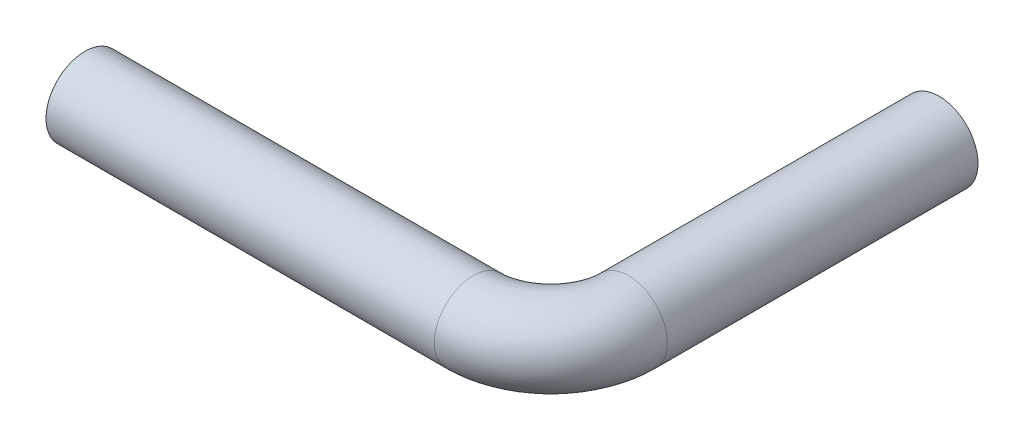
SolidWorks part; units mm, degrees
material "Plain Carbon Steel"
ref_plane "Front Plane" through (0, 0, 0) normal (0, 0, 1) x (1, 0, 0)
ref_plane "Top Plane" through (0, 0, 0) normal (0, 1, 0) x (1, 0, 0)
ref_plane "Right Plane" through (0, 0, 0) normal (1, 0, 0) x (0, 0, -1)
sketch "Sketch1" plane through (0, 0, 0) normal (0, 0, 1) x (1, 0, 0)
  circle A0 centre (0, 0) radius 2.5
  circle A1 centre (0, 0) radius 2
sketch "Sketch2" plane through (0, 0, 0) normal (0, 1, 0) x (1, 0, 0)
  line L0 (0, 0) -> (0, -20)
  line L1 (-5, -25) -> (-30, -25)
  arc A0 (0, -20) -> (-5, -25) centre (-5, -20) cw
  dimension "D1" = 5
sweep "Sweep1" add profiles "Sketch1" path "Sketch2"
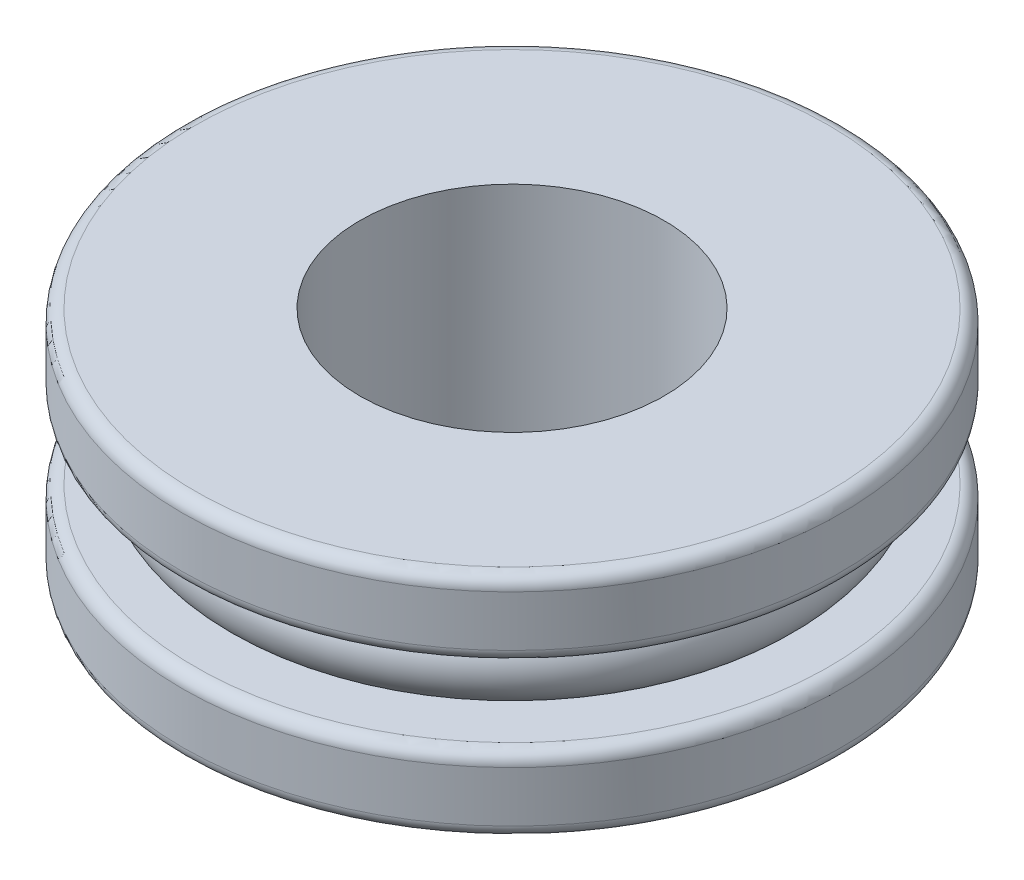
from build123d import *

# Parameters (mm, degrees)
FILLET1_R = 0.5


with BuildPart() as part:
    # Sketch1 → Revolve1 (revolve)
    with BuildSketch(Plane.XY, mode=Mode.PRIVATE) as revolve1_sk:
        with BuildLine():
            Line((6, 0), (13, 0))
            Line((13, 0), (13, -3))
            Line((13, -3), (10, -3))
            ThreePointArc((10, -3), (11.5, -4.5), (10, -6))
            Line((10, -6), (13, -6))
            Line((13, -6), (13, -9))
            Line((13, -9), (6, -9))
            Line((6, -9), (6, 0))
        make_face()
    revolve(revolve1_sk.sketch.rotate(Axis((0, 0, 0), (0, -1, 0)), 90), axis=Axis((0, 0, 0), (0, -1, 0)))

    # Fillet1
    fillet1_edges = [part.edges().sort_by_distance(p)[0] for p in [
        (0, 0, -13),
        (0, -9, -13),
        (0, -6, -13),
        (0, -3, -13),
    ]]
    fillet(fillet1_edges, radius=FILLET1_R)


solid = part.part

:::

## Try it
Go through the entries above and copy out every line that includes the word "with".

## Answer box
with BuildPart() as part:
    with BuildSketch(Plane.XY, mode=Mode.PRIVATE) as revolve1_sk:
        with BuildLine():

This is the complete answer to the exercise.